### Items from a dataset
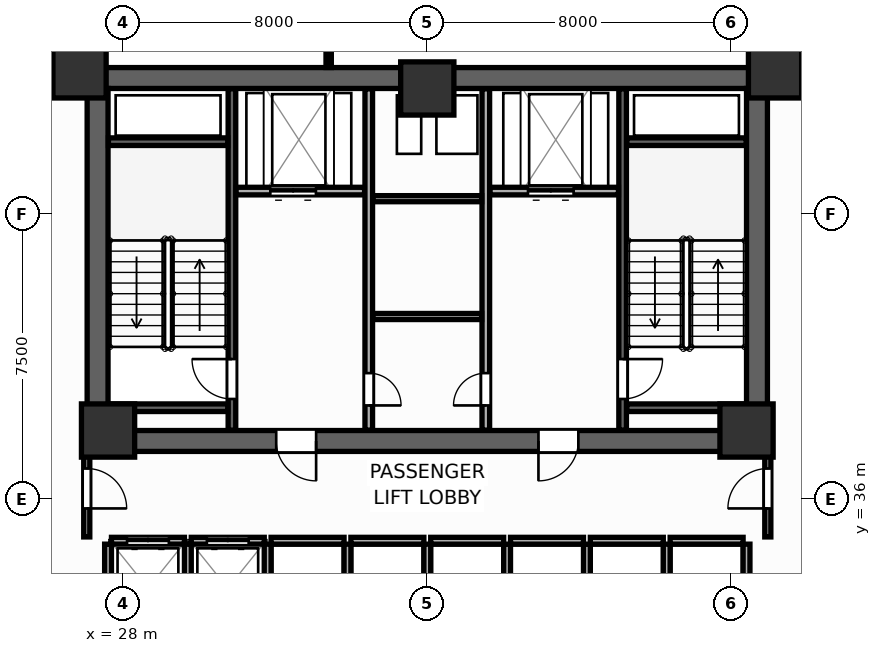
"""IFC4 building model, lengths in metres.
Left out: names, types, materials, properties, quantities, classifications, styles, units other than length and angle.
Written with IfcOpenShell. Run it as: python <this file> out.ifc"""

import sys

from ifc_helpers import new_model, si_unit, direction, frame, frame_2d, origin, origin_2d, place, context, subcontext, project, spatial, rectangle, extrude, source, transform, mapped, element, fill, save


model = new_model("IFC4")
c1 = context("Model", 3, precision=1e-05, world=origin(), true_north=direction((0.0, 1.0)))
c2 = subcontext(c1, "Body", "Model", "MODEL_VIEW")
j1 = project(units=[si_unit("LENGTHUNIT", "METRE"), si_unit("PLANEANGLEUNIT", "RADIAN")], contexts=[c1])
p1 = place(None, origin())
s1 = spatial("IfcSite", under=j1, at=p1, CompositionType="ELEMENT")
p2 = place(p1, origin())
s2 = spatial("IfcBuilding", under=s1, at=p2, CompositionType="ELEMENT")
p3 = place(p2, frame((0.0, 0.0, 27.9)))
s3 = spatial("IfcBuildingStorey", under=s2, at=p3, CompositionType="ELEMENT", Elevation=27.9)
p4 = place(p3, frame((27.05, 47.075, 0.0), z_axis=(0.0, 0.0, 1.0), x_axis=(1.0, 0.0, 0.0)))
e1 = element("IfcWall", 1, at=p4, inside=s3, PredefinedType="SHEAR", context=c2, shape_type="SweptSolid", body=[
    extrude(rectangle(XDim=17.9, YDim=0.55, at=frame_2d((8.95, 0.0))), origin(), (0.0, 0.0, 1.0), 3.9),
])
p5 = place(p3, frame((27.05, 37.525, 0.0), z_axis=(0.0, 0.0, 1.0), x_axis=(1.0, 0.0, 0.0)))
e2 = element("IfcWall", 2, at=p5, inside=s3, PredefinedType="SHEAR", context=c2, shape_type="SweptSolid", body=[
    extrude(rectangle(XDim=17.9, YDim=0.55, at=frame_2d((8.95, 0.0))), origin(), (0.0, 0.0, 1.0), 3.9),
])
p6 = place(p5, frame((4.975, 0.0, 0.0)))
e3 = element("IfcOpeningElement", 3, at=p6, cuts=e2, PredefinedType="OPENING", context=c2, shape_type="SweptSolid", body=[
    extrude(rectangle(XDim=1.05, YDim=2.1, at=frame_2d((0.525, 1.05))), frame((0.0, 0.285, 0.0), z_axis=(0.0, -1.0, 0.0), x_axis=(1.0, 0.0, 0.0)), (0.0, 0.0, 1.0), 0.57),
])
p7 = place(p5, frame((11.875, 0.0, 0.0)))
e4 = element("IfcOpeningElement", 4, at=p7, cuts=e2, PredefinedType="OPENING", context=c2, shape_type="SweptSolid", body=[
    extrude(rectangle(XDim=1.05, YDim=2.1, at=frame_2d((0.525, 1.05))), frame((0.0, 0.285, 0.0), z_axis=(0.0, -1.0, 0.0), x_axis=(1.0, 0.0, 0.0)), (0.0, 0.0, 1.0), 0.57),
])
for number, where, z_axis, x_axis in (
    (5, (27.325, 37.8, 0.0), (0.0, 0.0, 1.0), (0.0, 1.0, 0.0)),
    (6, (44.675, 37.8, 0.0), (0.0, 0.0, 1.0), (0.0, 1.0, 0.0)),
):
    element("IfcWall", number, at=place(p3, frame(where, z_axis=z_axis, x_axis=x_axis)), inside=s3, PredefinedType="SHEAR", context=c2, shape_type="SweptSolid", body=[
        extrude(rectangle(XDim=9.0, YDim=0.55, at=frame_2d((4.5, 0.0))), origin(), (0.0, 0.0, 1.0), 3.9),
    ])
m1 = source(origin(), c2, "Body", "SweptSolid", [
    extrude(rectangle(XDim=1.4, YDim=1.4, at=origin_2d()), origin(), (0.0, 0.0, 1.0), 3.9),
])
for number, where, z_axis, x_axis in (
    (7, (26.85, 47.25, 0.0), (0.0, 0.0, 1.0), (1.0, 0.0, 0.0)),
    (8, (45.15, 47.25, 0.0), (0.0, 0.0, 1.0), (1.0, 0.0, 0.0)),
    (9, (27.6, 37.8, 0.0), (0.0, 0.0, 1.0), (1.0, 0.0, 0.0)),
    (10, (44.4, 37.8, 0.0), (0.0, 0.0, 1.0), (1.0, 0.0, 0.0)),
    (11, (36.0, 46.8, 0.0), (0.0, 0.0, 1.0), (1.0, 0.0, 0.0)),
):
    element("IfcColumn", number, at=place(p3, frame(where, z_axis=z_axis, x_axis=x_axis)), inside=s3, PredefinedType="COLUMN", context=c2, shape_type="MappedRepresentation", body=[
        mapped(m1, transform((0.0, 0.0, 0.0), scale=1.0)),
    ])
p8 = place(p3, frame((30.86, 37.81, 0.0), z_axis=(0.0, 0.0, 1.0), x_axis=(0.0, 1.0, 0.0)))
e12 = element("IfcWall", 12, at=p8, inside=s3, PredefinedType="SHEAR", context=c2, shape_type="SweptSolid", body=[
    extrude(rectangle(XDim=8.98, YDim=0.2, at=frame_2d((4.49, 0.0))), origin(), (0.0, 0.0, 1.0), 3.9),
])
p9 = place(p8, frame((0.82, 0.0, 0.0)))
e13 = element("IfcOpeningElement", 13, at=p9, cuts=e12, PredefinedType="OPENING", context=c2, shape_type="SweptSolid", body=[
    extrude(rectangle(XDim=1.05, YDim=2.1, at=frame_2d((0.525, 1.05))), frame((0.0, 0.11, 0.0), z_axis=(0.0, -1.0, 0.0), x_axis=(1.0, 0.0, 0.0)), (0.0, 0.0, 1.0), 0.22),
])
for number, where, z_axis, x_axis in (
    (14, (27.61, 45.4, 0.0), (0.0, 0.0, 1.0), (1.0, 0.0, 0.0)),
    (15, (27.61, 38.4, 0.0), (0.0, 0.0, 1.0), (1.0, 0.0, 0.0)),
):
    element("IfcWall", number, at=place(p3, frame(where, z_axis=z_axis, x_axis=x_axis)), inside=s3, PredefinedType="SHEAR", context=c2, shape_type="SweptSolid", body=[
        extrude(rectangle(XDim=3.14, YDim=0.2, at=frame_2d((1.57, 0.0))), origin(), (0.0, 0.0, 1.0), 3.9),
    ])
p10 = place(p3, frame((41.14, 37.81, 0.0), z_axis=(0.0, 0.0, 1.0), x_axis=(0.0, 1.0, 0.0)))
e16 = element("IfcWall", 16, at=p10, inside=s3, PredefinedType="SHEAR", context=c2, shape_type="SweptSolid", body=[
    extrude(rectangle(XDim=8.98, YDim=0.2, at=frame_2d((4.49, 0.0))), origin(), (0.0, 0.0, 1.0), 3.9),
])
p11 = place(p10, frame((0.82, 0.0, 0.0)))
e17 = element("IfcOpeningElement", 17, at=p11, cuts=e16, PredefinedType="OPENING", context=c2, shape_type="SweptSolid", body=[
    extrude(rectangle(XDim=1.05, YDim=2.1, at=frame_2d((0.525, 1.05))), frame((0.0, 0.11, 0.0), z_axis=(0.0, -1.0, 0.0), x_axis=(1.0, 0.0, 0.0)), (0.0, 0.0, 1.0), 0.22),
])
for number, where, z_axis, x_axis in (
    (18, (41.25, 45.4, 0.0), (0.0, 0.0, 1.0), (1.0, 0.0, 0.0)),
    (19, (41.25, 38.4, 0.0), (0.0, 0.0, 1.0), (1.0, 0.0, 0.0)),
):
    element("IfcWall", number, at=place(p3, frame(where, z_axis=z_axis, x_axis=x_axis)), inside=s3, PredefinedType="SHEAR", context=c2, shape_type="SweptSolid", body=[
        extrude(rectangle(XDim=3.14, YDim=0.2, at=frame_2d((1.57, 0.0))), origin(), (0.0, 0.0, 1.0), 3.9),
    ])
p12 = place(p3, frame((30.97, 44.1, 0.0), z_axis=(0.0, 0.0, 1.0), x_axis=(1.0, 0.0, 0.0)))
e20 = element("IfcWall", 20, at=p12, inside=s3, PredefinedType="PARTITIONING", context=c2, shape_type="SweptSolid", body=[
    extrude(rectangle(XDim=3.38, YDim=0.2, at=frame_2d((1.69, 0.0))), origin(), (0.0, 0.0, 1.0), 3.68),
])
p13 = place(p12, frame((0.9, 0.0, 0.0)))
e21 = element("IfcOpeningElement", 21, at=p13, cuts=e20, PredefinedType="OPENING", context=c2, shape_type="SweptSolid", body=[
    extrude(rectangle(XDim=1.2, YDim=2.1, at=frame_2d((0.6, 1.05))), frame((0.0, 0.11, 0.0), z_axis=(0.0, -1.0, 0.0), x_axis=(1.0, 0.0, 0.0)), (0.0, 0.0, 1.0), 0.22),
])
p14 = place(p3, frame((37.65, 44.1, 0.0), z_axis=(0.0, 0.0, 1.0), x_axis=(1.0, 0.0, 0.0)))
e22 = element("IfcWall", 22, at=p14, inside=s3, PredefinedType="PARTITIONING", context=c2, shape_type="SweptSolid", body=[
    extrude(rectangle(XDim=3.38, YDim=0.2, at=frame_2d((1.69, 0.0))), origin(), (0.0, 0.0, 1.0), 3.68),
])
p15 = place(p14, frame((1.0, 0.0, 0.0)))
e23 = element("IfcOpeningElement", 23, at=p15, cuts=e22, PredefinedType="OPENING", context=c2, shape_type="SweptSolid", body=[
    extrude(rectangle(XDim=1.2, YDim=2.1, at=frame_2d((0.6, 1.05))), frame((0.0, 0.11, 0.0), z_axis=(0.0, -1.0, 0.0), x_axis=(1.0, 0.0, 0.0)), (0.0, 0.0, 1.0), 0.22),
])
p16 = place(p3, frame((34.46, 37.81, 0.0), z_axis=(0.0, 0.0, 1.0), x_axis=(0.0, 1.0, 0.0)))
e24 = element("IfcWall", 24, at=p16, inside=s3, PredefinedType="PARTITIONING", context=c2, shape_type="SweptSolid", body=[
    extrude(rectangle(XDim=8.98, YDim=0.2, at=frame_2d((4.49, 0.0))), origin(), (0.0, 0.0, 1.0), 3.68),
])
p17 = place(p16, frame((0.65, 0.0, 0.0)))
e25 = element("IfcOpeningElement", 25, at=p17, cuts=e24, PredefinedType="OPENING", context=c2, shape_type="SweptSolid", body=[
    extrude(rectangle(XDim=0.85, YDim=2.05, at=frame_2d((0.425, 1.025))), frame((0.0, 0.11, 0.0), z_axis=(0.0, -1.0, 0.0), x_axis=(1.0, 0.0, 0.0)), (0.0, 0.0, 1.0), 0.22),
])
p18 = place(p3, frame((37.54, 37.81, 0.0), z_axis=(0.0, 0.0, 1.0), x_axis=(0.0, 1.0, 0.0)))
e26 = element("IfcWall", 26, at=p18, inside=s3, PredefinedType="PARTITIONING", context=c2, shape_type="SweptSolid", body=[
    extrude(rectangle(XDim=8.98, YDim=0.2, at=frame_2d((4.49, 0.0))), origin(), (0.0, 0.0, 1.0), 3.68),
])
p19 = place(p18, frame((0.65, 0.0, 0.0)))
e27 = element("IfcOpeningElement", 27, at=p19, cuts=e26, PredefinedType="OPENING", context=c2, shape_type="SweptSolid", body=[
    extrude(rectangle(XDim=0.85, YDim=2.05, at=frame_2d((0.425, 1.025))), frame((0.0, 0.11, 0.0), z_axis=(0.0, -1.0, 0.0), x_axis=(1.0, 0.0, 0.0)), (0.0, 0.0, 1.0), 0.22),
])
for number, where, z_axis, x_axis in (
    (28, (34.57, 40.8, 0.0), (0.0, 0.0, 1.0), (1.0, 0.0, 0.0)),
    (29, (34.57, 43.9, 0.0), (0.0, 0.0, 1.0), (1.0, 0.0, 0.0)),
):
    element("IfcWall", number, at=place(p3, frame(where, z_axis=z_axis, x_axis=x_axis)), inside=s3, PredefinedType="PARTITIONING", context=c2, shape_type="SweptSolid", body=[
        extrude(rectangle(XDim=2.86, YDim=0.16, at=frame_2d((1.43, 0.0))), origin(), (0.0, 0.0, 1.0), 3.68),
    ])
p20 = place(p3, frame((27.69, 34.9, 0.0), z_axis=(0.0, 0.0, 1.0), x_axis=(1.0, 0.0, 0.0)))
e30 = element("IfcWall", 30, at=p20, inside=s3, PredefinedType="PARTITIONING", context=c2, shape_type="SweptSolid", body=[
    extrude(rectangle(XDim=1.92, YDim=0.18, at=frame_2d((0.96, 0.0))), origin(), (0.0, 0.0, 1.0), 3.68),
])
p21 = place(p20, frame((0.41, 0.0, 0.0)))
e31 = element("IfcOpeningElement", 31, at=p21, cuts=e30, PredefinedType="OPENING", context=c2, shape_type="SweptSolid", body=[
    extrude(rectangle(XDim=1.1, YDim=2.1, at=frame_2d((0.55, 1.05))), frame((0.0, 0.1, 0.0), z_axis=(0.0, -1.0, 0.0), x_axis=(1.0, 0.0, 0.0)), (0.0, 0.0, 1.0), 0.2),
])
p22 = place(p3, frame((27.6, 32.49, 0.0), z_axis=(0.0, 0.0, 1.0), x_axis=(0.0, 1.0, 0.0)))
e32 = element("IfcWall", 32, at=p22, inside=s3, PredefinedType="PARTITIONING", context=c2, shape_type="SweptSolid", body=[
    extrude(rectangle(XDim=2.32, YDim=0.18, at=frame_2d((1.16, 0.0))), origin(), (0.0, 0.0, 1.0), 3.68),
])
p23 = place(p3, frame((29.79, 34.9, 0.0), z_axis=(0.0, 0.0, 1.0), x_axis=(1.0, 0.0, 0.0)))
e33 = element("IfcWall", 33, at=p23, inside=s3, PredefinedType="PARTITIONING", context=c2, shape_type="SweptSolid", body=[
    extrude(rectangle(XDim=1.92, YDim=0.18, at=frame_2d((0.96, 0.0))), origin(), (0.0, 0.0, 1.0), 3.68),
])
p24 = place(p23, frame((0.41, 0.0, 0.0)))
e34 = element("IfcOpeningElement", 34, at=p24, cuts=e33, PredefinedType="OPENING", context=c2, shape_type="SweptSolid", body=[
    extrude(rectangle(XDim=1.1, YDim=2.1, at=frame_2d((0.55, 1.05))), frame((0.0, 0.1, 0.0), z_axis=(0.0, -1.0, 0.0), x_axis=(1.0, 0.0, 0.0)), (0.0, 0.0, 1.0), 0.2),
])
p25 = place(p3, frame((29.7, 32.49, 0.0), z_axis=(0.0, 0.0, 1.0), x_axis=(0.0, 1.0, 0.0)))
e35 = element("IfcWall", 35, at=p25, inside=s3, PredefinedType="PARTITIONING", context=c2, shape_type="SweptSolid", body=[
    extrude(rectangle(XDim=2.32, YDim=0.18, at=frame_2d((1.16, 0.0))), origin(), (0.0, 0.0, 1.0), 3.68),
])
p26 = place(p3, frame((31.89, 34.9, 0.0), z_axis=(0.0, 0.0, 1.0), x_axis=(1.0, 0.0, 0.0)))
e36 = element("IfcWall", 36, at=p26, inside=s3, PredefinedType="PARTITIONING", context=c2, shape_type="SweptSolid", body=[
    extrude(rectangle(XDim=1.92, YDim=0.18, at=frame_2d((0.96, 0.0))), origin(), (0.0, 0.0, 1.0), 3.68),
])
p27 = place(p3, frame((31.8, 32.49, 0.0), z_axis=(0.0, 0.0, 1.0), x_axis=(0.0, 1.0, 0.0)))
e37 = element("IfcWall", 37, at=p27, inside=s3, PredefinedType="PARTITIONING", context=c2, shape_type="SweptSolid", body=[
    extrude(rectangle(XDim=2.32, YDim=0.18, at=frame_2d((1.16, 0.0))), origin(), (0.0, 0.0, 1.0), 3.68),
])
p28 = place(p3, frame((33.99, 34.9, 0.0), z_axis=(0.0, 0.0, 1.0), x_axis=(1.0, 0.0, 0.0)))
e38 = element("IfcWall", 38, at=p28, inside=s3, PredefinedType="PARTITIONING", context=c2, shape_type="SweptSolid", body=[
    extrude(rectangle(XDim=1.92, YDim=0.18, at=frame_2d((0.96, 0.0))), origin(), (0.0, 0.0, 1.0), 3.68),
])
p29 = place(p3, frame((33.9, 32.49, 0.0), z_axis=(0.0, 0.0, 1.0), x_axis=(0.0, 1.0, 0.0)))
e39 = element("IfcWall", 39, at=p29, inside=s3, PredefinedType="PARTITIONING", context=c2, shape_type="SweptSolid", body=[
    extrude(rectangle(XDim=2.32, YDim=0.18, at=frame_2d((1.16, 0.0))), origin(), (0.0, 0.0, 1.0), 3.68),
])
p30 = place(p3, frame((36.09, 34.9, 0.0), z_axis=(0.0, 0.0, 1.0), x_axis=(1.0, 0.0, 0.0)))
e40 = element("IfcWall", 40, at=p30, inside=s3, PredefinedType="PARTITIONING", context=c2, shape_type="SweptSolid", body=[
    extrude(rectangle(XDim=1.92, YDim=0.18, at=frame_2d((0.96, 0.0))), origin(), (0.0, 0.0, 1.0), 3.68),
])
p31 = place(p3, frame((36.0, 32.49, 0.0), z_axis=(0.0, 0.0, 1.0), x_axis=(0.0, 1.0, 0.0)))
e41 = element("IfcWall", 41, at=p31, inside=s3, PredefinedType="PARTITIONING", context=c2, shape_type="SweptSolid", body=[
    extrude(rectangle(XDim=2.32, YDim=0.18, at=frame_2d((1.16, 0.0))), origin(), (0.0, 0.0, 1.0), 3.68),
])
p32 = place(p3, frame((38.19, 34.9, 0.0), z_axis=(0.0, 0.0, 1.0), x_axis=(1.0, 0.0, 0.0)))
e42 = element("IfcWall", 42, at=p32, inside=s3, PredefinedType="PARTITIONING", context=c2, shape_type="SweptSolid", body=[
    extrude(rectangle(XDim=1.92, YDim=0.18, at=frame_2d((0.96, 0.0))), origin(), (0.0, 0.0, 1.0), 3.68),
])
p33 = place(p3, frame((38.1, 32.49, 0.0), z_axis=(0.0, 0.0, 1.0), x_axis=(0.0, 1.0, 0.0)))
e43 = element("IfcWall", 43, at=p33, inside=s3, PredefinedType="PARTITIONING", context=c2, shape_type="SweptSolid", body=[
    extrude(rectangle(XDim=2.32, YDim=0.18, at=frame_2d((1.16, 0.0))), origin(), (0.0, 0.0, 1.0), 3.68),
])
p34 = place(p3, frame((40.29, 34.9, 0.0), z_axis=(0.0, 0.0, 1.0), x_axis=(1.0, 0.0, 0.0)))
e44 = element("IfcWall", 44, at=p34, inside=s3, PredefinedType="PARTITIONING", context=c2, shape_type="SweptSolid", body=[
    extrude(rectangle(XDim=1.92, YDim=0.18, at=frame_2d((0.96, 0.0))), origin(), (0.0, 0.0, 1.0), 3.68),
])
p35 = place(p3, frame((40.2, 32.49, 0.0), z_axis=(0.0, 0.0, 1.0), x_axis=(0.0, 1.0, 0.0)))
e45 = element("IfcWall", 45, at=p35, inside=s3, PredefinedType="PARTITIONING", context=c2, shape_type="SweptSolid", body=[
    extrude(rectangle(XDim=2.32, YDim=0.18, at=frame_2d((1.16, 0.0))), origin(), (0.0, 0.0, 1.0), 3.68),
])
p36 = place(p3, frame((42.39, 34.9, 0.0), z_axis=(0.0, 0.0, 1.0), x_axis=(1.0, 0.0, 0.0)))
e46 = element("IfcWall", 46, at=p36, inside=s3, PredefinedType="PARTITIONING", context=c2, shape_type="SweptSolid", body=[
    extrude(rectangle(XDim=1.92, YDim=0.18, at=frame_2d((0.96, 0.0))), origin(), (0.0, 0.0, 1.0), 3.68),
])
for number, where, z_axis, x_axis in (
    (47, (42.3, 32.49, 0.0), (0.0, 0.0, 1.0), (0.0, 1.0, 0.0)),
    (48, (44.4, 32.49, 0.0), (0.0, 0.0, 1.0), (0.0, 1.0, 0.0)),
):
    element("IfcWall", number, at=place(p3, frame(where, z_axis=z_axis, x_axis=x_axis)), inside=s3, PredefinedType="PARTITIONING", context=c2, shape_type="SweptSolid", body=[
        extrude(rectangle(XDim=2.32, YDim=0.18, at=frame_2d((1.16, 0.0))), origin(), (0.0, 0.0, 1.0), 3.68),
    ])
p37 = place(p3, frame((27.04, 35.0, 0.0), z_axis=(0.0, 0.0, 1.0), x_axis=(0.0, 1.0, 0.0)))
e49 = element("IfcWall", 49, at=p37, inside=s3, PredefinedType="PARTITIONING", context=c2, shape_type="SweptSolid", body=[
    extrude(rectangle(XDim=2.65, YDim=0.16, at=frame_2d((1.325, 0.0))), origin(), (0.0, 0.0, 1.0), 3.68),
])
p38 = place(p37, frame((0.75, 0.0, 0.0)))
e50 = element("IfcOpeningElement", 50, at=p38, cuts=e49, PredefinedType="OPENING", context=c2, shape_type="SweptSolid", body=[
    extrude(rectangle(XDim=1.05, YDim=2.1, at=frame_2d((0.525, 1.05))), frame((0.0, 0.09, 0.0), z_axis=(0.0, -1.0, 0.0), x_axis=(1.0, 0.0, 0.0)), (0.0, 0.0, 1.0), 0.18),
])
p39 = place(p3, frame((44.96, 35.0, 0.0), z_axis=(0.0, 0.0, 1.0), x_axis=(0.0, 1.0, 0.0)))
e51 = element("IfcWall", 51, at=p39, inside=s3, PredefinedType="PARTITIONING", context=c2, shape_type="SweptSolid", body=[
    extrude(rectangle(XDim=2.65, YDim=0.16, at=frame_2d((1.325, 0.0))), origin(), (0.0, 0.0, 1.0), 3.68),
])
p40 = place(p39, frame((0.75, 0.0, 0.0)))
e52 = element("IfcOpeningElement", 52, at=p40, cuts=e51, PredefinedType="OPENING", context=c2, shape_type="SweptSolid", body=[
    extrude(rectangle(XDim=1.05, YDim=2.1, at=frame_2d((0.525, 1.05))), frame((0.0, 0.09, 0.0), z_axis=(0.0, -1.0, 0.0), x_axis=(1.0, 0.0, 0.0)), (0.0, 0.0, 1.0), 0.18),
])
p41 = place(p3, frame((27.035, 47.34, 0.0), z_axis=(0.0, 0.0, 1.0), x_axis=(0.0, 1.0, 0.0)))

### Problem description
Check each line of the data for "import". Copy the lines where it turns up.

### Output for this exercise
import sys
from ifc_helpers import new_model, si_unit, direction, frame, frame_2d, origin, origin_2d, place, context, subcontext, project, spatial, rectangle, extrude, source, transform, mapped, element, fill, save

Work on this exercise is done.